* [The task] The lines below that include the word "subcontext" are to be reported.

::::::::::

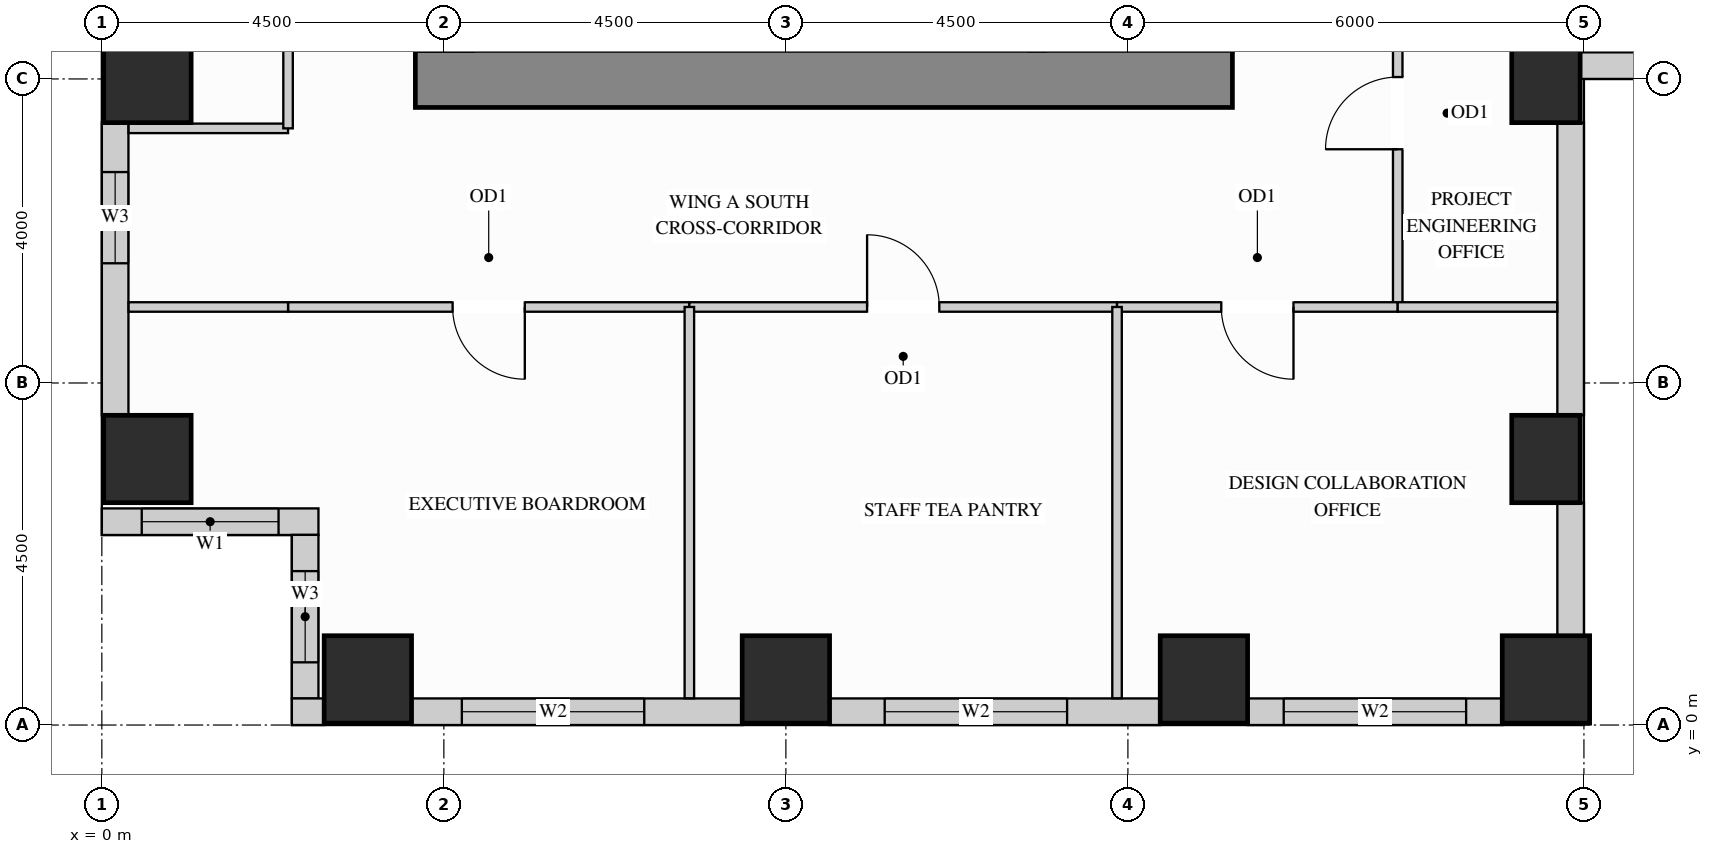
"""IFC4 building model, lengths in metres.
Left out: names, types, materials, properties, quantities, classifications, styles, units other than length and angle.
Written with IfcOpenShell. Run it as: python <this file> out.ifc"""

import sys

from ifc_helpers import new_model, si_unit, direction, frame, frame_2d, origin, origin_2d, place, context, subcontext, project, spatial, rectangle, extrude, source, transform, mapped, element, fill, save


model = new_model("IFC4")
c1 = context("Model", 3, precision=1e-05, world=origin(), true_north=direction((0.0, 1.0)))
c2 = subcontext(c1, "Body", "Model", "MODEL_VIEW")
j1 = project(units=[si_unit("LENGTHUNIT", "METRE"), si_unit("PLANEANGLEUNIT", "RADIAN")], contexts=[c1])
p1 = place(None, origin())
s1 = spatial("IfcSite", under=j1, at=p1, CompositionType="ELEMENT")
p2 = place(p1, origin())
s2 = spatial("IfcBuilding", under=s1, at=p2, CompositionType="ELEMENT")
p3 = place(p2, frame((0.0, 0.0, 106.2)))
s3 = spatial("IfcBuildingStorey", under=s2, at=p3, CompositionType="ELEMENT", Elevation=106.2)
m1 = source(origin(), c2, "Body", "SweptSolid", [
    extrude(rectangle(XDim=0.9, YDim=1.15, at=origin_2d()), origin(), (0.0, 0.0, 1.0), 3.38),
])
for number, where, z_axis, x_axis in (
    (1, (19.0, 3.5, 0.0), (0.0, 0.0, 1.0), (1.0, 0.0, 0.0)),
    (2, (19.0, 8.5, 0.0), (0.0, 0.0, 1.0), (1.0, 0.0, 0.0)),
):
    element("IfcColumn", number, at=place(p3, frame(where, z_axis=z_axis, x_axis=x_axis)), inside=s3, PredefinedType="COLUMN", context=c2, shape_type="MappedRepresentation", body=[
        mapped(m1, transform((0.0, 0.0, 0.0), x_axis=(1.0, 0.0, 0.0), y_axis=(0.0, 1.0, 0.0), z_axis=(0.0, 0.0, 1.0))),
    ])
m2 = source(origin(), c2, "Body", "SweptSolid", [
    extrude(rectangle(XDim=1.15, YDim=1.15, at=origin_2d()), origin(), (0.0, 0.0, 1.0), 3.38),
])
for number, where, z_axis, x_axis in (
    (3, (14.5, 0.6, 0.0), (0.0, 0.0, 1.0), (1.0, 0.0, 0.0)),
    (4, (19.0, 0.6, 0.0), (0.0, 0.0, 1.0), (1.0, 0.0, 0.0)),
    (5, (3.5, 0.6, 0.0), (0.0, 0.0, 1.0), (1.0, 0.0, 0.0)),
    (6, (9.0, 0.6, 0.0), (0.0, 0.0, 1.0), (1.0, 0.0, 0.0)),
    (7, (0.6, 3.5, 0.0), (0.0, 0.0, 1.0), (1.0, 0.0, 0.0)),
    (8, (0.6, 8.5, 0.0), (0.0, 0.0, 1.0), (1.0, 0.0, 0.0)),
):
    element("IfcColumn", number, at=place(p3, frame(where, z_axis=z_axis, x_axis=x_axis)), inside=s3, PredefinedType="COLUMN", context=c2, shape_type="MappedRepresentation", body=[
        mapped(m2, transform((0.0, 0.0, 0.0), x_axis=(1.0, 0.0, 0.0), y_axis=(0.0, 1.0, 0.0), z_axis=(0.0, 0.0, 1.0))),
    ])
m3 = source(origin(), c2, "Body", "SweptSolid", [
    extrude(rectangle(XDim=10.75, YDim=0.75, at=frame_2d((5.375, 0.0))), origin(), (0.0, 0.0, 1.0), 3.38),
])
p4 = place(p3, frame((4.125, 8.5, 0.0), z_axis=(0.0, 0.0, 1.0), x_axis=(1.0, 0.0, 0.0)))
e9 = element("IfcWall", 9, at=p4, inside=s3, PredefinedType="SHEAR", context=c2, shape_type="MappedRepresentation", body=[
    mapped(m3, transform((0.0, 0.0, 0.0), x_axis=(1.0, 0.0, 0.0), y_axis=(0.0, 1.0, 0.0), z_axis=(0.0, 0.0, 1.0))),
])
p5 = place(p3, frame((0.175, 7.927, 0.0), z_axis=(0.0, 0.0, 1.0), x_axis=(0.0, -1.0, 0.0)))
e10 = element("IfcWall", 10, at=p5, inside=s3, PredefinedType="SOLIDWALL", context=c2, shape_type="SweptSolid", body=[
    extrude(rectangle(XDim=3.854, YDim=0.35, at=frame_2d((1.927, 0.0))), origin(), (0.0, 0.0, 1.0), 3.365),
])
p6 = place(p5, frame((0.652, 0.0, 0.78)))
e11 = element("IfcOpeningElement", 11, at=p6, cuts=e10, PredefinedType="OPENING", context=c2, shape_type="SweptSolid", body=[
    extrude(rectangle(XDim=1.2, YDim=2.1, at=frame_2d((0.6, 1.05))), frame((0.0, 0.185, 0.0), z_axis=(0.0, -1.0, 0.0), x_axis=(1.0, 0.0, 0.0)), (0.0, 0.0, 1.0), 0.37),
])
p7 = place(p3, frame((0.0, 2.675, 0.0), z_axis=(0.0, 0.0, 1.0), x_axis=(1.0, 0.0, 0.0)))
e12 = element("IfcWall", 12, at=p7, inside=s3, PredefinedType="SOLIDWALL", context=c2, shape_type="SweptSolid", body=[
    extrude(rectangle(XDim=2.85, YDim=0.35, at=frame_2d((1.425, 0.0))), origin(), (0.0, 0.0, 1.0), 3.365),
])
p8 = place(p7, frame((0.525, 0.0, 0.78)))
e13 = element("IfcOpeningElement", 13, at=p8, cuts=e12, PredefinedType="OPENING", context=c2, shape_type="SweptSolid", body=[
    extrude(rectangle(XDim=1.8, YDim=2.1, at=frame_2d((0.9, 1.05))), frame((0.0, 0.185, 0.0), z_axis=(0.0, -1.0, 0.0), x_axis=(1.0, 0.0, 0.0)), (0.0, 0.0, 1.0), 0.37),
])
p9 = place(p3, frame((2.675, 2.502, 0.0), z_axis=(0.0, 0.0, 1.0), x_axis=(0.0, -1.0, 0.0)))
e14 = element("IfcWall", 14, at=p9, inside=s3, PredefinedType="SOLIDWALL", context=c2, shape_type="SweptSolid", body=[
    extrude(rectangle(XDim=2.154, YDim=0.35, at=frame_2d((1.077, 0.0))), origin(), (0.0, 0.0, 1.0), 3.365),
])
p10 = place(p9, frame((0.477, 0.0, 0.78)))
e15 = element("IfcOpeningElement", 15, at=p10, cuts=e14, PredefinedType="OPENING", context=c2, shape_type="SweptSolid", body=[
    extrude(rectangle(XDim=1.2, YDim=2.1, at=frame_2d((0.6, 1.05))), frame((0.0, 0.185, 0.0), z_axis=(0.0, -1.0, 0.0), x_axis=(1.0, 0.0, 0.0)), (0.0, 0.0, 1.0), 0.37),
])
m4 = source(origin(), c2, "Body", "SweptSolid", [
    extrude(rectangle(XDim=0.427, YDim=0.35, at=frame_2d((0.213, 0.0))), origin(), (0.0, 0.0, 1.0), 3.365),
])
p11 = place(p3, frame((2.5, 0.175, 0.0), z_axis=(0.0, 0.0, 1.0), x_axis=(1.0, 0.0, 0.0)))
e16 = element("IfcWall", 16, at=p11, inside=s3, PredefinedType="SOLIDWALL", context=c2, shape_type="MappedRepresentation", body=[
    mapped(m4, transform((0.0, 0.0, 0.0), x_axis=(1.0, 0.0, 0.0), y_axis=(0.0, 1.0, 0.0), z_axis=(0.0, 0.0, 1.0))),
])
p12 = place(p3, frame((4.073, 0.175, 0.0), z_axis=(0.0, 0.0, 1.0), x_axis=(1.0, 0.0, 0.0)))
e17 = element("IfcWall", 17, at=p12, inside=s3, PredefinedType="SOLIDWALL", context=c2, shape_type="SweptSolid", body=[
    extrude(rectangle(XDim=4.354, YDim=0.35, at=frame_2d((2.177, 0.0))), origin(), (0.0, 0.0, 1.0), 3.365),
])
p13 = place(p12, frame((0.664, 0.0, 0.78)))
e18 = element("IfcOpeningElement", 18, at=p13, cuts=e17, PredefinedType="OPENING", context=c2, shape_type="SweptSolid", body=[
    extrude(rectangle(XDim=2.4, YDim=2.1, at=frame_2d((1.2, 1.05))), frame((0.0, 0.185, 0.0), z_axis=(0.0, -1.0, 0.0), x_axis=(1.0, 0.0, 0.0)), (0.0, 0.0, 1.0), 0.37),
])
p14 = place(p3, frame((9.573, 0.175, 0.0), z_axis=(0.0, 0.0, 1.0), x_axis=(1.0, 0.0, 0.0)))
e19 = element("IfcWall", 19, at=p14, inside=s3, PredefinedType="SOLIDWALL", context=c2, shape_type="SweptSolid", body=[
    extrude(rectangle(XDim=4.354, YDim=0.35, at=frame_2d((2.177, 0.0))), origin(), (0.0, 0.0, 1.0), 3.365),
])
p15 = place(p14, frame((0.727, 0.0, 0.78)))
e20 = element("IfcOpeningElement", 20, at=p15, cuts=e19, PredefinedType="OPENING", context=c2, shape_type="SweptSolid", body=[
    extrude(rectangle(XDim=2.4, YDim=2.1, at=frame_2d((1.2, 1.05))), frame((0.0, 0.185, 0.0), z_axis=(0.0, -1.0, 0.0), x_axis=(1.0, 0.0, 0.0)), (0.0, 0.0, 1.0), 0.37),
])
p16 = place(p3, frame((15.073, 0.175, 0.0), z_axis=(0.0, 0.0, 1.0), x_axis=(1.0, 0.0, 0.0)))
e21 = element("IfcWall", 21, at=p16, inside=s3, PredefinedType="SOLIDWALL", context=c2, shape_type="SweptSolid", body=[
    extrude(rectangle(XDim=3.354, YDim=0.35, at=frame_2d((1.677, 0.0))), origin(), (0.0, 0.0, 1.0), 3.365),
])
p17 = place(p16, frame((0.477, 0.0, 0.78)))
e22 = element("IfcOpeningElement", 22, at=p17, cuts=e21, PredefinedType="OPENING", context=c2, shape_type="SweptSolid", body=[
    extrude(rectangle(XDim=2.4, YDim=2.1, at=frame_2d((1.2, 1.05))), frame((0.0, 0.185, 0.0), z_axis=(0.0, -1.0, 0.0), x_axis=(1.0, 0.0, 0.0)), (0.0, 0.0, 1.0), 0.37),
])
m5 = source(origin(), c2, "Body", "SweptSolid", [
    extrude(rectangle(XDim=1.754, YDim=0.35, at=frame_2d((0.877, 0.0))), origin(), (0.0, 0.0, 1.0), 2.519),
])
p18 = place(p3, frame((19.325, 1.173, 0.0), z_axis=(0.0, 0.0, 1.0), x_axis=(0.0, 1.0, 0.0)))
e23 = element("IfcWall", 23, at=p18, inside=s3, PredefinedType="SOLIDWALL", context=c2, shape_type="MappedRepresentation", body=[
    mapped(m5, transform((0.0, 0.0, 0.0), x_axis=(1.0, 0.0, 0.0), y_axis=(0.0, 1.0, 0.0), z_axis=(0.0, 0.0, 1.0))),
])
m6 = source(origin(), c2, "Body", "SweptSolid", [
    extrude(rectangle(XDim=3.854, YDim=0.35, at=frame_2d((1.927, 0.0))), origin(), (0.0, 0.0, 1.0), 2.519),
])
p19 = place(p3, frame((19.325, 4.073, 0.0), z_axis=(0.0, 0.0, 1.0), x_axis=(0.0, 1.0, 0.0)))
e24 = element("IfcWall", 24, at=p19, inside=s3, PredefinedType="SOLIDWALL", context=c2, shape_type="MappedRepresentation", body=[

::::::::::

* [Written response]
from ifc_helpers import new_model, si_unit, direction, frame, frame_2d, origin, origin_2d, place, context, subcontext, project, spatial, rectangle, extrude, source, transform, mapped, element, fill, save
c2 = subcontext(c1, "Body", "Model", "MODEL_VIEW")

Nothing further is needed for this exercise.